From the entries, copy each line that includes "layers".
---
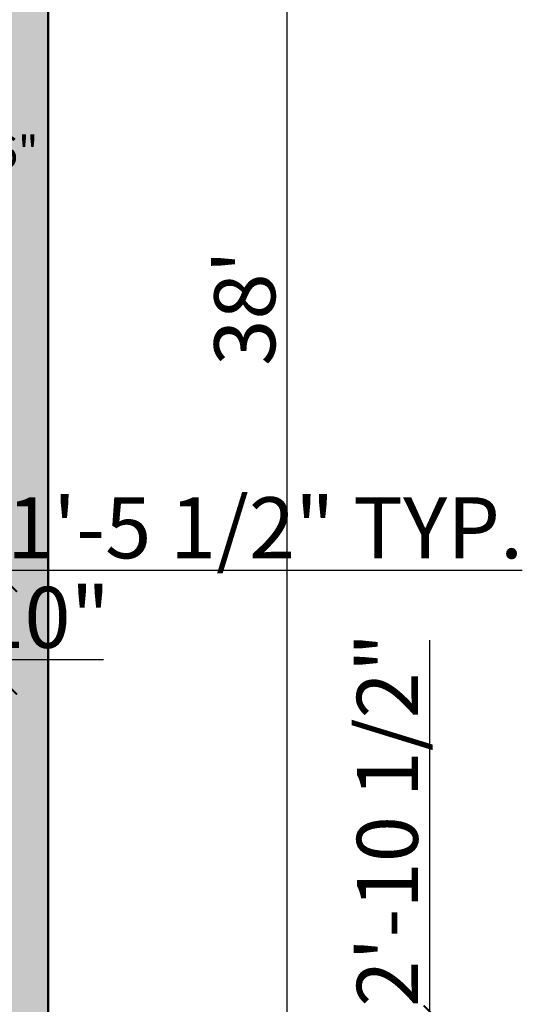
# Model space of a CAD drawing. Units: inches. Extents: x 2419 to 2878, y 1068 to 1713.
# Tile 13 of 20: x 2775 to 2878, y 1207 to 1409. Entities that reach past the tile are written whole.
import ezdxf

# ---------------------------------------------------------------- set-up
doc = ezdxf.new("R2010")
doc.units = ezdxf.units.IN
for name, color, linetype, lineweight in [('A-ANNO-DIMS', 2, 'Continuous', 18), ('A-AREA-IDEN', 7, 'Continuous', 18), ('A-FLOR-PRKG-PATT', 1, 'Continuous', 13), ('A-FURN-PATT', 254, 'Continuous', 13), ('A-WALL', 7, 'Continuous', 50)]:
    doc.layers.add(name, color=color, linetype=linetype, lineweight=lineweight)
doc.layers.add('A-FLOR-FIXT-PATT', color=254, linetype='Continuous', lineweight=13, true_color=0xd7ebd2)
doc.layers.add('A-WALL-PATT', color=18, linetype='Continuous', lineweight=13, true_color=0x000000)
doc.styles.get("Standard").update_dxf_attribs({"font": 'arial.ttf'})
doc.dimstyles.new('ISO-25', dxfattribs={"dimtxt": 12.5, "dimasz": 2.5, "dimexe": 1.25, "dimexo": 0.625, "dimtad": 1, "dimdec": 0, "dimlunit": 4, "dimtxsty": 'Standard', "dimblk": 'ARCHTICK', "dimcen": 2.5, "dimse1": 1, "dimse2": 1, "dimclrd": 4, "dimadec": 0, "dimazin": 0, "dimtfac": 1, "dimtdec": 0, "dimtmove": 0, "dimatfit": 3, "dimfxl": 1, "dimarcsym": 0})

# ---------------------------------------------------------------- blocks, each defined once
blk = doc.blocks.new('_ArchTick')
at = {"color": 0, "linetype": 'ByBlock', "const_width": 0.15}
blk.add_lwpolyline([(-0.5, -0.5), (0.5, 0.5)], dxfattribs=at)
blk = doc.blocks.new('*D17')
at = {"layer": 'A-ANNO-DIMS', "color": 0, "lineweight": -2, "transparency": 16777216}
blk.add_line((2829.44, 1577.81), (2829.44, 1121.81), dxfattribs=at)
at = {"layer": 'Defpoints', "color": 0, "transparency": 16777216}
for p in [(2780.51, 1577.81), (2780.51, 1121.81), (2829.44, 1121.81)]:
    blk.add_point(p, dxfattribs=at)
at = {"layer": 'A-ANNO-DIMS', "color": 0, "lineweight": -2, "transparency": 16777216, "xscale": 2.5, "yscale": 2.5, "zscale": 2.5}
for p, rotation in [((2829.44, 1577.81), 90), ((2829.44, 1121.81), 270)]:
    blk.add_blockref('_ArchTick', p, dxfattribs=dict(at, rotation=rotation))
at = {"layer": 'A-ANNO-DIMS', "color": 0, "transparency": 16777216, "insert": (2822.42, 1349.81), "char_height": 12.5, "attachment_point": 5, "rotation": 90}
blk.add_mtext("38'", dxfattribs=at)
blk = doc.blocks.new('*D18')
at = {"layer": 'A-ANNO-DIMS', "color": 4, "lineweight": -2, "transparency": 16777216}
for p, q in [((2772.91, 1292.99), (2772.91, 1271.99)), ((2772.91, 1271.99), (2772.91, 1133))]:
    blk.add_line(p, q, dxfattribs=at)
at = {"layer": 'Defpoints', "color": 0, "transparency": 16777216}
for p in [(2769.76, 1292.99), (2769.76, 1271.99), (2772.91, 1271.99)]:
    blk.add_point(p, dxfattribs=at)
at = {"layer": 'A-ANNO-DIMS', "color": 4, "lineweight": -2, "transparency": 16777216, "xscale": 2.5, "yscale": 2.5, "zscale": 2.5}
for p, rotation in [((2772.91, 1292.99), 90), ((2772.91, 1271.99), 270)]:
    blk.add_blockref('_ArchTick', p, dxfattribs=dict(at, rotation=rotation))
at = {"layer": 'A-ANNO-DIMS', "color": 0, "transparency": 16777216, "insert": (2765.82, 1201.24), "char_height": 12.5, "attachment_point": 5, "rotation": 90}
blk.add_mtext('CHAIR 1\'-9" TYP.', dxfattribs=at)
blk = doc.blocks.new('*D19')
at = {"layer": 'A-ANNO-DIMS', "color": 4, "lineweight": -2, "transparency": 16777216}
for p, q in [((2752.42, 1296.14), (2769.76, 1296.14)), ((2769.76, 1296.14), (2877.65, 1296.14))]:
    blk.add_line(p, q, dxfattribs=at)
at = {"layer": 'Defpoints', "color": 0, "transparency": 16777216}
for p in [(2769.76, 1296.14), (2752.42, 1292.99), (2769.76, 1292.99)]:
    blk.add_point(p, dxfattribs=at)
at = {"layer": 'A-ANNO-DIMS', "color": 4, "lineweight": -2, "transparency": 16777216, "xscale": 2.5, "yscale": 2.5, "zscale": 2.5, "rotation": 180}
blk.add_blockref('_ArchTick', (2752.42, 1296.14), dxfattribs=at)
at = {"layer": 'A-ANNO-DIMS', "color": 4, "lineweight": -2, "transparency": 16777216, "xscale": 2.5, "yscale": 2.5, "zscale": 2.5}
blk.add_blockref('_ArchTick', (2769.76, 1296.14), dxfattribs=at)
at = {"layer": 'A-ANNO-DIMS', "color": 0, "transparency": 16777216, "insert": (2824.95, 1303.22), "char_height": 12.5, "attachment_point": 5}
blk.add_mtext('1\'-5 1/2" TYP.', dxfattribs=at)
blk = doc.blocks.new('*D33')
at = {"layer": 'A-ANNO-DIMS', "color": 4, "lineweight": -2, "transparency": 16777216}
for p, q in [((2710.85, 1277.89), (2744.94, 1277.89)), ((2744.94, 1277.89), (2791.85, 1277.89))]:
    blk.add_line(p, q, dxfattribs=at)
at = {"layer": 'Defpoints', "color": 0, "transparency": 16777216}
for p in [(2744.94, 1277.89), (2710.85, 1272.77), (2744.94, 1272.77)]:
    blk.add_point(p, dxfattribs=at)
at = {"layer": 'A-ANNO-DIMS', "color": 4, "lineweight": -2, "transparency": 16777216, "xscale": 2.5, "yscale": 2.5, "zscale": 2.5, "rotation": 180}
blk.add_blockref('_ArchTick', (2710.85, 1277.89), dxfattribs=at)
at = {"layer": 'A-ANNO-DIMS', "color": 4, "lineweight": -2, "transparency": 16777216, "xscale": 2.5, "yscale": 2.5, "zscale": 2.5}
blk.add_blockref('_ArchTick', (2744.94, 1277.89), dxfattribs=at)
at = {"layer": 'A-ANNO-DIMS', "color": 0, "transparency": 16777216, "insert": (2769.65, 1284.89), "char_height": 12.5, "attachment_point": 5}
blk.add_mtext('2\'-10"', dxfattribs=at)
blk = doc.blocks.new('*D37')
at = {"layer": 'A-ANNO-DIMS', "color": 4, "lineweight": -2, "transparency": 16777216}
for p, q in [((2736.32, 1605.01), (2771.51, 1605.01)), ((2771.51, 1605.01), (2818.42, 1605.01))]:
    blk.add_line(p, q, dxfattribs=at)
at = {"layer": 'Defpoints', "color": 0, "transparency": 16777216}
for p in [(2771.51, 1605.01), (2736.32, 1205.81), (2771.51, 1205.81)]:
    blk.add_point(p, dxfattribs=at)
at = {"layer": 'A-ANNO-DIMS', "color": 4, "lineweight": -2, "transparency": 16777216, "xscale": 2.5, "yscale": 2.5, "zscale": 2.5, "rotation": 180}
blk.add_blockref('_ArchTick', (2736.32, 1605.01), dxfattribs=at)
at = {"layer": 'A-ANNO-DIMS', "color": 4, "lineweight": -2, "transparency": 16777216, "xscale": 2.5, "yscale": 2.5, "zscale": 2.5}
blk.add_blockref('_ArchTick', (2771.51, 1605.01), dxfattribs=at)
at = {"layer": 'A-ANNO-DIMS', "color": 0, "transparency": 16777216, "insert": (2796.22, 1611.91), "char_height": 12.5, "attachment_point": 5}
blk.add_mtext('2\'-11"', dxfattribs=at)
blk = doc.blocks.new('*D40')
at = {"layer": 'A-ANNO-DIMS', "color": 4, "lineweight": -2, "transparency": 16777216}
for p, q in [((2858.71, 1205.81), (2858.71, 1281.84)), ((2858.71, 1171.28), (2858.71, 1205.81))]:
    blk.add_line(p, q, dxfattribs=at)
at = {"layer": 'Defpoints', "color": 0, "transparency": 16777216}
for p in [(2736.32, 1205.81), (2858.71, 1205.81), (2736.32, 1171.28)]:
    blk.add_point(p, dxfattribs=at)
at = {"layer": 'A-ANNO-DIMS', "color": 4, "lineweight": -2, "transparency": 16777216, "xscale": 2.5, "yscale": 2.5, "zscale": 2.5}
for p, rotation in [((2858.71, 1205.81), 90), ((2858.71, 1171.28), 270)]:
    blk.add_blockref('_ArchTick', p, dxfattribs=dict(at, rotation=rotation))
at = {"layer": 'A-ANNO-DIMS', "color": 0, "transparency": 16777216, "insert": (2851.63, 1245.08), "char_height": 12.5, "attachment_point": 5, "rotation": 90}
blk.add_mtext('2\'-10 1/2"', dxfattribs=at)
blk = doc.blocks.new('*D51')
at = {"layer": 'A-ANNO-DIMS', "color": 4, "lineweight": -2, "transparency": 16777216}
for p, q in [((2738.51, 1079.92), (2771.51, 1079.92)), ((2771.51, 1079.92), (2808.71, 1079.92))]:
    blk.add_line(p, q, dxfattribs=at)
at = {"layer": 'Defpoints', "color": 0, "transparency": 16777216}
for p in [(2738.51, 1447.89), (2771.51, 1437.39), (2771.51, 1079.92)]:
    blk.add_point(p, dxfattribs=at)
at = {"layer": 'A-ANNO-DIMS', "color": 4, "lineweight": -2, "transparency": 16777216, "xscale": 2.5, "yscale": 2.5, "zscale": 2.5, "rotation": 180}
blk.add_blockref('_ArchTick', (2738.51, 1079.92), dxfattribs=at)
at = {"layer": 'A-ANNO-DIMS', "color": 4, "lineweight": -2, "transparency": 16777216, "xscale": 2.5, "yscale": 2.5, "zscale": 2.5}
blk.add_blockref('_ArchTick', (2771.51, 1079.92), dxfattribs=at)
at = {"layer": 'A-ANNO-DIMS', "color": 0, "transparency": 16777216, "insert": (2791.36, 1086.93), "char_height": 12.5, "attachment_point": 5}
blk.add_mtext('2\'-9"', dxfattribs=at)

msp = doc.modelspace()

# ---------------------------------------------------------------- hatches: boundary and pattern name
at = {"layer": 'A-FLOR-FIXT-PATT'}
h = msp.add_hatch(color=256, dxfattribs=at)
h.dxf.hatch_style = 1
h.paths.add_polyline_path([(2771.51, 1458.39), (2763.51, 1458.39), (2763.51, 1437.39), (2771.51, 1437.39)])
h.paths.add_polyline_path([(2770.51, 1456.39, 0.5), (2769.51, 1457.39), (2765.51, 1457.39, 0.5), (2764.51, 1456.39), (2764.51, 1439.39, 0.5), (2765.51, 1438.39), (2769.51, 1438.39, 0.5), (2770.51, 1439.39)], flags=16)
h.paths.add_polyline_path([(2706.38, 1408.81), (2685.38, 1408.81), (2685.38, 1400.81), (2706.38, 1400.81)])
h.paths.add_polyline_path([(2704.38, 1401.81, 0.5), (2705.38, 1402.81), (2705.38, 1406.81, 0.5), (2704.38, 1407.81), (2687.38, 1407.81, 0.5), (2686.38, 1406.81), (2686.38, 1402.81, 0.5), (2687.38, 1401.81)], flags=16)
h.paths.add_polyline_path([(2574.48, 1207.45), (2633.94, 1207.45), (2633.94, 1217.37), (2574.48, 1217.37)], flags=9)
h.paths.add_polyline_path([(2574.45, 1217.83), (2610.47, 1217.83), (2610.47, 1227.88), (2574.45, 1227.88)], flags=9)
h.paths.add_polyline_path([(2672.43, 1304.02), (2718.62, 1304.02), (2718.62, 1313.94), (2672.43, 1313.94)], flags=9)
h.paths.add_polyline_path([(2672.4, 1314.4), (2750.13, 1314.4), (2750.13, 1324.45), (2672.4, 1324.45)], flags=9)
h.paths.add_polyline_path([(2500.43, 1374.44), (2544.8, 1374.44), (2544.8, 1384.36), (2500.43, 1384.36)], flags=9)
h.paths.add_polyline_path([(2500.41, 1384.82), (2566.08, 1384.82), (2566.08, 1394.87), (2500.41, 1394.87)], flags=9)
h.paths.add_polyline_path([(2738.93, 1376.75), (2778.27, 1376.75), (2778.27, 1386.67), (2738.93, 1386.67)], flags=9)
h.paths.add_polyline_path([(2659.12, 1357.8), (2703.49, 1357.8), (2703.49, 1367.72), (2659.12, 1367.72)], flags=9)
h.paths.add_polyline_path([(2659.1, 1368.18), (2694.11, 1368.18), (2694.11, 1378.23), (2659.1, 1378.23)], flags=9)
h.paths.add_polyline_path([(2730.12, 1466.07), (2769.46, 1466.07), (2769.46, 1475.99), (2730.12, 1475.99)], flags=9)
h.paths.add_polyline_path([(2730.1, 1476.45), (2765.12, 1476.45), (2765.12, 1486.5), (2730.1, 1486.5)], flags=9)
h.paths.add_polyline_path([(2730.38, 1518.65), (2761.48, 1518.65), (2761.48, 1528.57), (2730.38, 1528.57)], flags=9)
h.paths.add_polyline_path([(2730.36, 1529.03), (2780.96, 1529.03), (2780.96, 1539.07), (2730.36, 1539.07)], flags=9)
h.paths.add_polyline_path([(2629.32, 1455.19), (2688.78, 1455.19), (2688.78, 1465.11), (2629.32, 1465.11)], flags=9)
h.paths.add_polyline_path([(2629.3, 1465.57), (2681.9, 1465.57), (2681.9, 1475.62), (2629.3, 1475.62)], flags=9)
h.paths.add_polyline_path([(2513.23, 1456.48), (2562.63, 1456.48), (2562.63, 1466.4), (2513.23, 1466.4)], flags=9)
h.paths.add_polyline_path([(2513.21, 1466.86), (2556.26, 1466.86), (2556.26, 1476.91), (2513.21, 1476.91)], flags=9)
h.paths.add_polyline_path([(2488.87, 1521.54), (2519.97, 1521.54), (2519.97, 1531.46), (2488.87, 1531.46)], flags=9)
h.paths.add_polyline_path([(2536.55, 1543.51), (2580.92, 1543.51), (2580.92, 1553.43), (2536.55, 1553.43)], flags=9)
h.paths.add_polyline_path([(2536.56, 1553.92), (2573.53, 1553.92), (2573.53, 1563.8), (2536.56, 1563.8)], flags=9)
at = {"layer": 'A-FLOR-PRKG-PATT'}
h = msp.add_hatch(color=256, dxfattribs=at)
h.dxf.hatch_style = 1
edge = h.paths.add_edge_path()
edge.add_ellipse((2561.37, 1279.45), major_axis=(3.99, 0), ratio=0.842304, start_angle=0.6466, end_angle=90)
---
RESPONSE TO THIS TASK:
    doc.layers.add(name, color=color, linetype=linetype, lineweight=lineweight)
doc.layers.add('A-FLOR-FIXT-PATT', color=254, linetype='Continuous', lineweight=13, true_color=0xd7ebd2)
doc.layers.add('A-WALL-PATT', color=18, linetype='Continuous', lineweight=13, true_color=0x000000)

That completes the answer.